### DATA FOR REVIEW
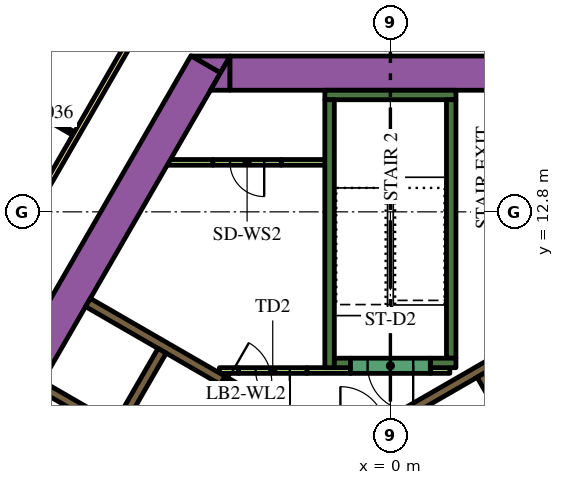
"""IFC4 building model, lengths in metres.
Left out: names, types, materials, properties, quantities, classifications, styles, units other than length and angle.
Written with IfcOpenShell. Run it as: python <this file> out.ifc"""

import sys

from ifc_helpers import new_model, si_unit, direction, frame, frame_2d, origin, place, context, subcontext, project, spatial, polyline, rectangle, outline, extrude, element, fill, save


model = new_model("IFC4")
c1 = context("Model", 3, precision=1e-05, world=origin(), true_north=direction((0.0, 1.0)))
c2 = subcontext(c1, "Body", "Model", "MODEL_VIEW")
j1 = project(units=[si_unit("LENGTHUNIT", "METRE"), si_unit("PLANEANGLEUNIT", "RADIAN")], contexts=[c1])
p1 = place(None, origin())
s1 = spatial("IfcSite", under=j1, at=p1, CompositionType="ELEMENT")
p2 = place(p1, origin())
s2 = spatial("IfcBuilding", under=s1, at=p2, CompositionType="ELEMENT")
p3 = place(p2, frame((0.0, 0.0, 62.7)))
s3 = spatial("IfcBuildingStorey", under=s2, at=p3, CompositionType="ELEMENT", Elevation=62.7)
p4 = place(p3, frame((-14.268, 0.387, 0.0), z_axis=(0.0, 0.0, 1.0), x_axis=(0.499994617707, 0.866028511231, 0.0)))
e1 = element("IfcWall", 1, at=p4, inside=s3, PredefinedType="SOLIDWALL", context=c2, shape_type="SweptSolid", body=[
    extrude(rectangle(XDim=18.817, YDim=0.9, at=frame_2d((9.409, 0.0))), origin(), (0.0, 0.0, 1.0), 3.9),
])
p5 = place(p3, origin())
e2 = element("IfcWall", 2, at=p5, inside=s3, PredefinedType="SOLIDWALL", context=c2, shape_type="SweptSolid", body=[
    extrude(outline(polyline([(-4.215, 16.9), (-4.469, 16.46), (-5.231, 16.9), (-4.215, 16.9)])), origin(), (0.0, 0.0, 1.0), 3.9),
])
p6 = place(p3, frame((-4.224, 16.45, 0.0), z_axis=(0.0, 0.0, 1.0), x_axis=(1.0, 0.0, 0.0)))
e3 = element("IfcWall", 3, at=p6, inside=s3, PredefinedType="SOLIDWALL", context=c2, shape_type="SweptSolid", body=[
    extrude(rectangle(XDim=9.488, YDim=0.9, at=frame_2d((4.744, 0.0))), origin(), (0.0, 0.0, 1.0), 3.9),
])
e4 = element("IfcWall", 4, at=p5, inside=s3, PredefinedType="SOLIDWALL", context=c2, shape_type="SweptSolid", body=[
    extrude(outline(polyline([(-4.734, 16.0), (-4.226, 16.88), (-4.226, 16.0), (-4.734, 16.0)])), origin(), (0.0, 0.0, 1.0), 3.9),
])
p7 = place(p3, frame((-1.725, 15.875, 0.0), z_axis=(0.0, 0.0, 1.0), x_axis=(1.0, 0.0, 0.0)))
e5 = element("IfcWall", 5, at=p7, inside=s3, PredefinedType="SOLIDWALL", context=c2, shape_type="SweptSolid", body=[
    extrude(rectangle(XDim=3.45, YDim=0.25, at=frame_2d((1.725, 0.0))), origin(), (0.0, 0.0, 1.0), 3.9),
])
p8 = place(p3, frame((1.6, 8.95, 0.0), z_axis=(0.0, 0.0, 1.0), x_axis=(0.0, 1.0, 0.0)))
e6 = element("IfcWall", 6, at=p8, inside=s3, PredefinedType="SOLIDWALL", context=c2, shape_type="SweptSolid", body=[
    extrude(rectangle(XDim=6.8, YDim=0.25, at=frame_2d((3.4, 0.0))), origin(), (0.0, 0.0, 1.0), 3.9),
])
p9 = place(p3, frame((1.05, 8.825, 0.0), z_axis=(0.0, 0.0, 1.0), x_axis=(1.0, 0.0, 0.0)))
e7 = element("IfcWall", 7, at=p9, inside=s3, PredefinedType="SOLIDWALL", context=c2, shape_type="SweptSolid", body=[
    extrude(rectangle(XDim=0.675, YDim=0.25, at=frame_2d((0.337, 0.0))), origin(), (0.0, 0.0, 1.0), 3.9),
])
p10 = place(p3, frame((-1.6, 8.7, 0.0), z_axis=(0.0, 0.0, 1.0), x_axis=(0.0, 1.0, 0.0)))
e8 = element("IfcWall", 8, at=p10, inside=s3, PredefinedType="SOLIDWALL", context=c2, shape_type="SweptSolid", body=[
    extrude(rectangle(XDim=7.05, YDim=0.25, at=frame_2d((3.525, 0.0))), origin(), (0.0, 0.0, 1.0), 3.9),
])
p11 = place(p3, frame((-1.475, 8.825, 0.0), z_axis=(0.0, 0.0, 1.0), x_axis=(1.0, 0.0, 0.0)))
e9 = element("IfcWall", 9, at=p11, inside=s3, PredefinedType="SOLIDWALL", context=c2, shape_type="SweptSolid", body=[
    extrude(rectangle(XDim=0.425, YDim=0.25, at=frame_2d((0.212, 0.0))), origin(), (0.0, 0.0, 1.0), 3.9),
])
p12 = place(p3, frame((0.314, 7.456, 0.0), z_axis=(0.0, 0.0, 1.0), x_axis=(0.866013897511, 0.50001992892, 0.0)))
e10 = element("IfcWall", 10, at=p12, inside=s3, PredefinedType="SOLIDWALL", context=c2, shape_type="SweptSolid", body=[
    extrude(rectangle(XDim=3.268, YDim=0.25, at=frame_2d((1.634, 0.0))), origin(), (0.0, 0.0, 1.0), 3.9),
])
e11 = element("IfcWall", 11, at=p5, inside=s3, PredefinedType="SOLIDWALL", context=c2, shape_type="SweptSolid", body=[
    extrude(outline(polyline([(-3.128, 7.481), (-3.259, 7.557), (-3.134, 7.773), (-3.003, 7.698), (-3.128, 7.481)])), origin(), (0.0, 0.0, 1.0), 3.9),
])
p13 = place(p3, frame((-7.314, 7.132, 0.0), z_axis=(0.0, 0.0, 1.0), x_axis=(-0.866008176907, 0.50002983664, 0.0)))
e12 = element("IfcWall", 12, at=p13, inside=s3, PredefinedType="SOLIDWALL", context=c2, shape_type="SweptSolid", body=[
    extrude(rectangle(XDim=2.2, YDim=0.25, at=frame_2d((1.1, 0.0))), origin(), (0.0, 0.0, 1.0), 3.9),
])
p14 = place(p3, frame((-7.959, 10.415, 0.0), z_axis=(0.0, 0.0, 1.0), x_axis=(0.866020958405, -0.500007699544, 0.0)))
e13 = element("IfcWall", 13, at=p14, inside=s3, PredefinedType="SOLIDWALL", context=c2, shape_type="SweptSolid", body=[
    extrude(rectangle(XDim=4.1, YDim=0.25, at=frame_2d((2.05, 0.0))), origin(), (0.0, 0.0, 1.0), 3.9),
])
p15 = place(p3, frame((-3.997, 8.625, 0.0), z_axis=(0.0, 0.0, 1.0), x_axis=(-1.0, 0.0, 0.0)))
e14 = element("IfcWall", 14, at=p15, inside=s3, PredefinedType="PARTITIONING", context=c2, shape_type="SweptSolid", body=[
    extrude(rectangle(XDim=0.502, YDim=0.15, at=frame_2d((0.251, 0.0))), origin(), (0.0, 0.0, 1.0), 2.75),
])
p16 = place(p3, frame((-5.851, 14.102, 0.0), z_axis=(0.0, 0.0, 1.0), x_axis=(1.0, 0.0, 0.0)))
e15 = element("IfcWall", 15, at=p16, inside=s3, PredefinedType="PARTITIONING", context=c2, shape_type="SweptSolid", body=[
    extrude(rectangle(XDim=1.18, YDim=0.15, at=frame_2d((0.59, 0.0))), origin(), (0.0, 0.0, 1.0), 2.75),
])
p17 = place(p3, frame((-2.196, 8.625, 0.0), z_axis=(0.0, 0.0, 1.0), x_axis=(1.0, 0.0, 0.0)))
e16 = element("IfcWall", 16, at=p17, inside=s3, PredefinedType="PARTITIONING", context=c2, shape_type="SweptSolid", body=[
    extrude(rectangle(XDim=1.146, YDim=0.15, at=frame_2d((0.573, 0.0))), origin(), (0.0, 0.0, 1.0), 2.75),
])
p18 = place(p3, frame((1.05, 8.625, 0.0), z_axis=(0.0, 0.0, 1.0), x_axis=(1.0, 0.0, 0.0)))
e17 = element("IfcWall", 17, at=p18, inside=s3, PredefinedType="PARTITIONING", context=c2, shape_type="SweptSolid", body=[
    extrude(rectangle(XDim=0.514, YDim=0.15, at=frame_2d((0.257, 0.0))), origin(), (0.0, 0.0, 1.0), 2.75),
])
p19 = place(p3, frame((-2.871, 14.102, 0.0), z_axis=(0.0, 0.0, 1.0), x_axis=(1.0, 0.0, 0.0)))
e18 = element("IfcWall", 18, at=p19, inside=s3, PredefinedType="PARTITIONING", context=c2, shape_type="SweptSolid", body=[
    extrude(rectangle(XDim=1.196, YDim=0.15, at=frame_2d((0.598, 0.0))), origin(), (0.0, 0.0, 1.0), 2.75),
])
p20 = place(p3, frame((8.565, -2.185, 0.0), z_axis=(0.0, 0.0, 1.0), x_axis=(-0.499997954832, 0.866026584559, 0.0)))
e19 = element("IfcWall", 19, at=p20, inside=s3, PredefinedType="SOLIDWALL", context=c2, shape_type="SweptSolid", body=[
    extrude(rectangle(XDim=12.35, YDim=0.25, at=frame_2d((6.175, 0.0))), origin(), (0.0, 0.0, 1.0), 3.9),
])
p21 = place(p20, frame((5.725, 0.0, 0.0)))
e20 = element("IfcOpeningElement", 20, at=p21, cuts=e19, PredefinedType="OPENING", context=c2, shape_type="SweptSolid", body=[
    extrude(rectangle(XDim=0.9, YDim=2.1, at=frame_2d((0.45, 1.05))), frame((0.0, 0.135, 0.0), z_axis=(0.0, -1.0, 0.0), x_axis=(1.0, 0.0, 0.0)), (0.0, 0.0, 1.0), 0.27),
])
p22 = place(p3, frame((-6.008, 9.144, 0.0), z_axis=(0.0, 0.0, 1.0), x_axis=(-0.500006956611, -0.866021387346, 0.0)))
e21 = element("IfcWall", 21, at=p22, inside=s3, PredefinedType="SOLIDWALL", context=c2, shape_type="SweptSolid", body=[
    extrude(rectangle(XDim=9.83, YDim=0.25, at=frame_2d((4.915, 0.0))), origin(), (0.0, 0.0, 1.0), 3.9),
])
p23 = place(p22, frame((6.985, 0.0, 0.0)))
e22 = element("IfcOpeningElement", 22, at=p23, cuts=e21, PredefinedType="OPENING", context=c2, shape_type="SweptSolid", body=[
    extrude(rectangle(XDim=0.9, YDim=2.1, at=frame_2d((0.45, 1.05))), frame((0.0, 0.135, 0.0), z_axis=(0.0, -1.0, 0.0), x_axis=(1.0, 0.0, 0.0)), (0.0, 0.0, 1.0), 0.27),
])
p24 = place(p3, frame((1.05, 8.75, 0.0), z_axis=(0.0, 0.0, 1.0), x_axis=(-1.0, 0.0, 0.0)))
e23 = element("IfcWall", 23, at=p24, inside=s3, PredefinedType="SOLIDWALL", context=c2, shape_type="SweptSolid", body=[
    extrude(rectangle(XDim=2.1, YDim=0.4, at=frame_2d((1.05, 0.0))), origin(), (0.0, 0.0, 1.0), 3.9),
])
p25 = place(p24, frame((0.45, 0.0, 0.0)))
e24 = element("IfcOpeningElement", 24, at=p25, cuts=e23, PredefinedType="OPENING", context=c2, shape_type="SweptSolid", body=[
    extrude(rectangle(XDim=1.2, YDim=2.1, at=frame_2d((0.6, 1.05))), frame((0.0, 0.21, 0.0), z_axis=(0.0, -1.0, 0.0), x_axis=(1.0, 0.0, 0.0)), (0.0, 0.0, 1.0), 0.42),
])
p26 = place(p3, frame((-2.196, 8.625, 0.0), z_axis=(0.0, 0.0, 1.0), x_axis=(-1.0, 0.0, 0.0)))
e25 = element("IfcWall", 25, at=p26, inside=s3, PredefinedType="PARTITIONING", context=c2, shape_type="SweptSolid", body=[
    extrude(rectangle(XDim=1.8, YDim=0.15, at=frame_2d((0.9, 0.0))), origin(), (0.0, 0.0, 1.0), 2.75),
])
p27 = place(p26, frame((0.45, 0.0, 0.0)))
e26 = element("IfcOpeningElement", 26, at=p27, cuts=e25, PredefinedType="OPENING", context=c2, shape_type="SweptSolid", body=[
    extrude(rectangle(XDim=0.9, YDim=2.1, at=frame_2d((0.45, 1.05))), frame((0.0, 0.085, 0.0), z_axis=(0.0, -1.0, 0.0), x_axis=(1.0, 0.0, 0.0)), (0.0, 0.0, 1.0), 0.17),
])
p28 = place(p3, frame((-4.409, 8.365, 0.0), z_axis=(0.0, 0.0, 1.0), x_axis=(0.866034573852, -0.49998411664, 0.0)))
e27 = element("IfcWall", 27, at=p28, inside=s3, PredefinedType="SOLIDWALL", context=c2, shape_type="SweptSolid", body=[
    extrude(rectangle(XDim=1.4, YDim=0.25, at=frame_2d((0.7, 0.0))), origin(), (0.0, 0.0, 1.0), 3.9),
])
p29 = place(p28, frame((0.1, 0.0, 0.0)))
e28 = element("IfcOpeningElement", 28, at=p29, cuts=e27, PredefinedType="OPENING", context=c2, shape_type="SweptSolid", body=[
    extrude(rectangle(XDim=1.2, YDim=2.1, at=frame_2d((0.6, 1.05))), frame((0.0, 0.135, 0.0), z_axis=(0.0, -1.0, 0.0), x_axis=(1.0, 0.0, 0.0)), (0.0, 0.0, 1.0), 0.27),
])
p30 = place(p3, frame((-2.871, 14.102, 0.0), z_axis=(0.0, 0.0, 1.0), x_axis=(-1.0, 0.0, 0.0)))
e29 = element("IfcWall", 29, at=p30, inside=s3, PredefinedType="PARTITIONING", context=c2, shape_type="SweptSolid", body=[
    extrude(rectangle(XDim=1.8, YDim=0.15, at=frame_2d((0.9, 0.0))), origin(), (0.0, 0.0, 1.0), 2.75),
])
p31 = place(p30, frame((0.45, 0.0, 0.0)))
e30 = element("IfcOpeningElement", 30, at=p31, cuts=e29, PredefinedType="OPENING", context=c2, shape_type="SweptSolid", body=[
    extrude(rectangle(XDim=0.9, YDim=2.1, at=frame_2d((0.45, 1.05))), frame((0.0, 0.085, 0.0), z_axis=(0.0, -1.0, 0.0), x_axis=(1.0, 0.0, 0.0)), (0.0, 0.0, 1.0), 0.17),
])
p32 = place(p3, frame((-19.081, -3.9, 0.0), z_axis=(0.0, 0.0, 1.0), x_axis=(0.499998313975, 0.866026377209, 0.0)))
e31 = element("IfcWall", 31, at=p32, inside=s3, PredefinedType="PARTITIONING", context=c2, shape_type="SweptSolid", body=[
    extrude(rectangle(XDim=25.766, YDim=0.15, at=frame_2d((12.883, 0.0))), origin(), (0.0, 0.0, 1.0), 2.75),
])
p33 = place(p32, frame((24.586, 0.0, 0.0)))
e32 = element("IfcOpeningElement", 32, at=p33, cuts=e31, PredefinedType="OPENING", context=c2, shape_type="SweptSolid", body=[
    extrude(rectangle(XDim=1.0, YDim=2.1, at=frame_2d((0.5, 1.05))), frame((0.0, 0.085, 0.0), z_axis=(0.0, -1.0, 0.0), x_axis=(1.0, 0.0, 0.0)), (0.0, 0.0, 1.0), 0.17),
])
p34 = place(p32, frame((9.948, 0.0, 0.0)))
e33 = element("IfcOpeningElement", 33, at=p34, cuts=e31, PredefinedType="OPENING", context=c2, shape_type="SweptSolid", body=[
    extrude(rectangle(XDim=1.0, YDim=2.1, at=frame_2d((0.5, 1.05))), frame((0.0, 0.085, 0.0), z_axis=(0.0, -1.0, 0.0), x_axis=(1.0, 0.0, 0.0)), (0.0, 0.0, 1.0), 0.17),
])
p35 = place(p32, frame((7.782, 0.0, 0.0)))
e34 = element("IfcOpeningElement", 34, at=p35, cuts=e31, PredefinedType="OPENING", context=c2, shape_type="SweptSolid", body=[
    extrude(rectangle(XDim=0.9, YDim=2.1, at=frame_2d((0.45, 1.05))), frame((0.0, 0.085, 0.0), z_axis=(0.0, -1.0, 0.0), x_axis=(1.0, 0.0, 0.0)), (0.0, 0.0, 1.0), 0.17),
])
p36 = place(p32, frame((4.658, 0.0, 0.0)))
e35 = element("IfcOpeningElement", 35, at=p36, cuts=e31, PredefinedType="OPENING", context=c2, shape_type="SweptSolid", body=[
    extrude(rectangle(XDim=0.9, YDim=2.1, at=frame_2d((0.45, 1.05))), frame((0.0, 0.085, 0.0), z_axis=(0.0, -1.0, 0.0), x_axis=(1.0, 0.0, 0.0)), (0.0, 0.0, 1.0), 0.17),
])
p37 = place(p3, frame((-8.337, 14.861, 0.0), z_axis=(0.0, 0.0, 1.0), x_axis=(-0.866034573852, 0.49998411664, 0.0)))
e36 = element("IfcWall", 36, at=p37, inside=s3, PredefinedType="PARTITIONING", context=c2, shape_type="SweptSolid", body=[
    extrude(rectangle(XDim=2.8, YDim=0.1, at=frame_2d((1.4, 0.0))), origin(), (0.0, 0.0, 1.0), 2.75),
])
p38 = place(p37, frame((0.6, 0.0, 0.0)))
e37 = element("IfcOpeningElement", 37, at=p38, cuts=e36, PredefinedType="OPENING", context=c2, shape_type="SweptSolid", body=[
    extrude(rectangle(XDim=0.9, YDim=2.1, at=frame_2d((0.45, 1.05))), frame((0.0, 0.06, 0.0), z_axis=(0.0, -1.0, 0.0), x_axis=(1.0, 0.0, 0.0)), (0.0, 0.0, 1.0), 0.12),
])
p39 = place(p25, origin())
e38 = element("IfcDoor", 38, at=p39, inside=s3, OperationType="SINGLE_SWING_LEFT", PredefinedType="DOOR", context=c2, shape_type="SweptSolid", body=[
    extrude(rectangle(XDim=1.2, YDim=2.1, at=frame_2d((0.6, 1.05))), frame((0.0, 0.025, 0.0), z_axis=(0.0, -1.0, 0.0), x_axis=(1.0, 0.0, 0.0)), (0.0, 0.0, 1.0), 0.05),
])
fill(e24, e38)
p40 = place(p27, origin())
e39 = element("IfcDoor", 39, at=p40, inside=s3, OperationType="SINGLE_SWING_LEFT", PredefinedType="DOOR", context=c2, shape_type="SweptSolid", body=[
    extrude(rectangle(XDim=0.9, YDim=2.1, at=frame_2d((0.45, 1.05))), frame((0.0, 0.025, 0.0), z_axis=(0.0, -1.0, 0.0), x_axis=(1.0, 0.0, 0.0)), (0.0, 0.0, 1.0), 0.05),
])
fill(e26, e39)
p41 = place(p29, origin())
e40 = element("IfcDoor", 40, at=p41, inside=s3, OperationType="SINGLE_SWING_LEFT", PredefinedType="DOOR", context=c2, shape_type="SweptSolid", body=[
    extrude(rectangle(XDim=1.2, YDim=2.1, at=frame_2d((0.6, 1.05))), frame((0.0, 0.025, 0.0), z_axis=(0.0, -1.0, 0.0), x_axis=(1.0, 0.0, 0.0)), (0.0, 0.0, 1.0), 0.05),
])
fill(e28, e40)
p42 = place(p31, origin())
e41 = element("IfcDoor", 41, at=p42, inside=s3, OperationType="SINGLE_SWING_LEFT", PredefinedType="DOOR", context=c2, shape_type="SweptSolid", body=[
    extrude(rectangle(XDim=0.9, YDim=2.1, at=frame_2d((0.45, 1.05))), frame((0.0, 0.025, 0.0), z_axis=(0.0, -1.0, 0.0), x_axis=(1.0, 0.0, 0.0)), (0.0, 0.0, 1.0), 0.05),
])
fill(e30, e41)
p43 = place(p38, origin())
e42 = element("IfcDoor", 42, at=p43, inside=s3, OperationType="SINGLE_SWING_RIGHT", PredefinedType="DOOR", context=c2, shape_type="SweptSolid", body=[
    extrude(rectangle(XDim=0.9, YDim=2.1, at=frame_2d((0.45, 1.05))), frame((0.0, 0.025, 0.0), z_axis=(0.0, -1.0, 0.0), x_axis=(1.0, 0.0, 0.0)), (0.0, 0.0, 1.0), 0.05),
])
fill(e37, e42)
save(model, sys.argv[1])

### BRIEF
In the records above, find the lines holding "subcontext". Copy each one.

### YOUR RESPONSE
from ifc_helpers import new_model, si_unit, direction, frame, frame_2d, origin, place, context, subcontext, project, spatial, polyline, rectangle, outline, extrude, element, fill, save
c2 = subcontext(c1, "Body", "Model", "MODEL_VIEW")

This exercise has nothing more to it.